**Task instructions:** Would you count the lines of the listing that carry the word "offset"? Give only the resulting number.

**Data supplied:**
==========

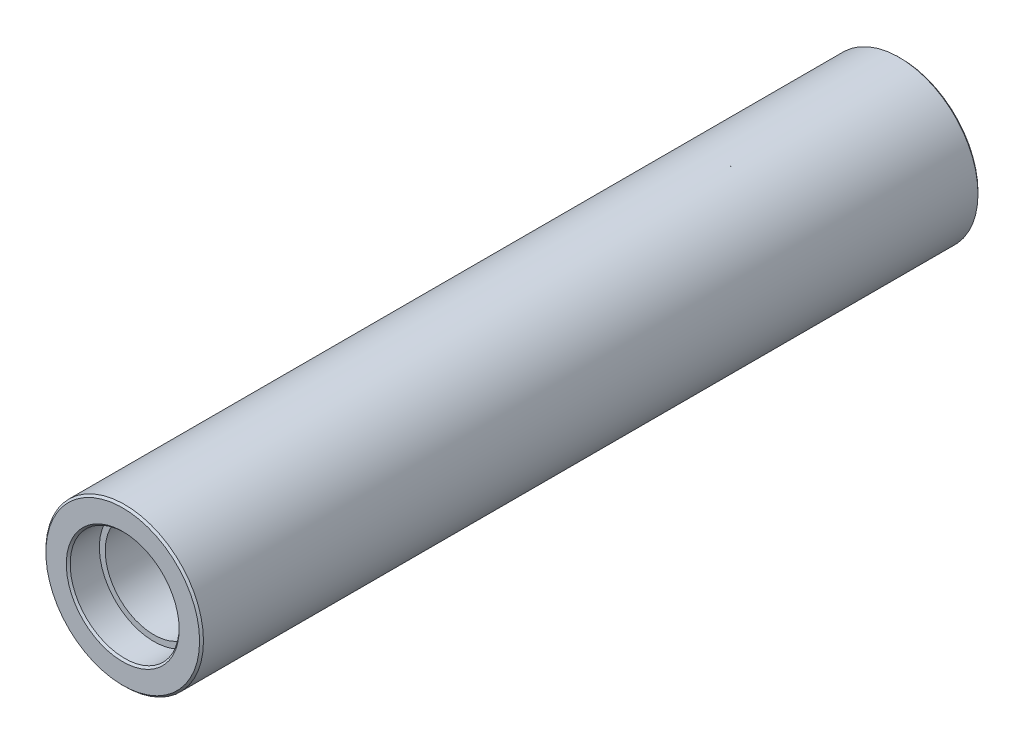
from build123d import *

# Parameters (mm, degrees)
SKETCH_1_R          = 20.25
EXTRUDE_1_DEPTH     = 100
SKETCH_2_R          = 14
CUT_EXTRUDE_1_DEPTH = 8
SKETCH_3_R          = 12.5
CUT_EXTRUDE_2_DEPTH = 195.12399388
CHAMFER_1_SIZE      = 0.5


with BuildPart() as part:
    # 草图1 → 凸台-拉伸1 (new, symmetric)
    with BuildSketch(Plane.XY):
        Circle(SKETCH_1_R)
    extrude(amount=EXTRUDE_1_DEPTH, both=True)

    # 草图2 → 切除-拉伸1 (cut)
    with BuildSketch(Plane.XY.offset(100)):
        Circle(SKETCH_2_R)
    cut_extrude_1 = extrude(amount=-CUT_EXTRUDE_1_DEPTH, mode=Mode.SUBTRACT)

    # 镜向1: 切除-拉伸1 across plane
    add(cut_extrude_1.mirror(Plane.XY), mode=Mode.SUBTRACT)

    # 草图3 → 切除-拉伸2 (cut, through all)
    with BuildSketch(Plane.XY.offset(92)):
        Circle(SKETCH_3_R)
    extrude(amount=-CUT_EXTRUDE_2_DEPTH, mode=Mode.SUBTRACT)

    # 倒角1
    chamfer_1_edges = [part.edges().sort_by_distance(p)[0] for p in [
        (-14, 0, -100),
        (-20.25, 0, -100),
        (-20.25, 0, 100),
        (-14, 0, 100),
    ]]
    chamfer(chamfer_1_edges, length=CHAMFER_1_SIZE)


solid = part.part

==========

**Task result:** 2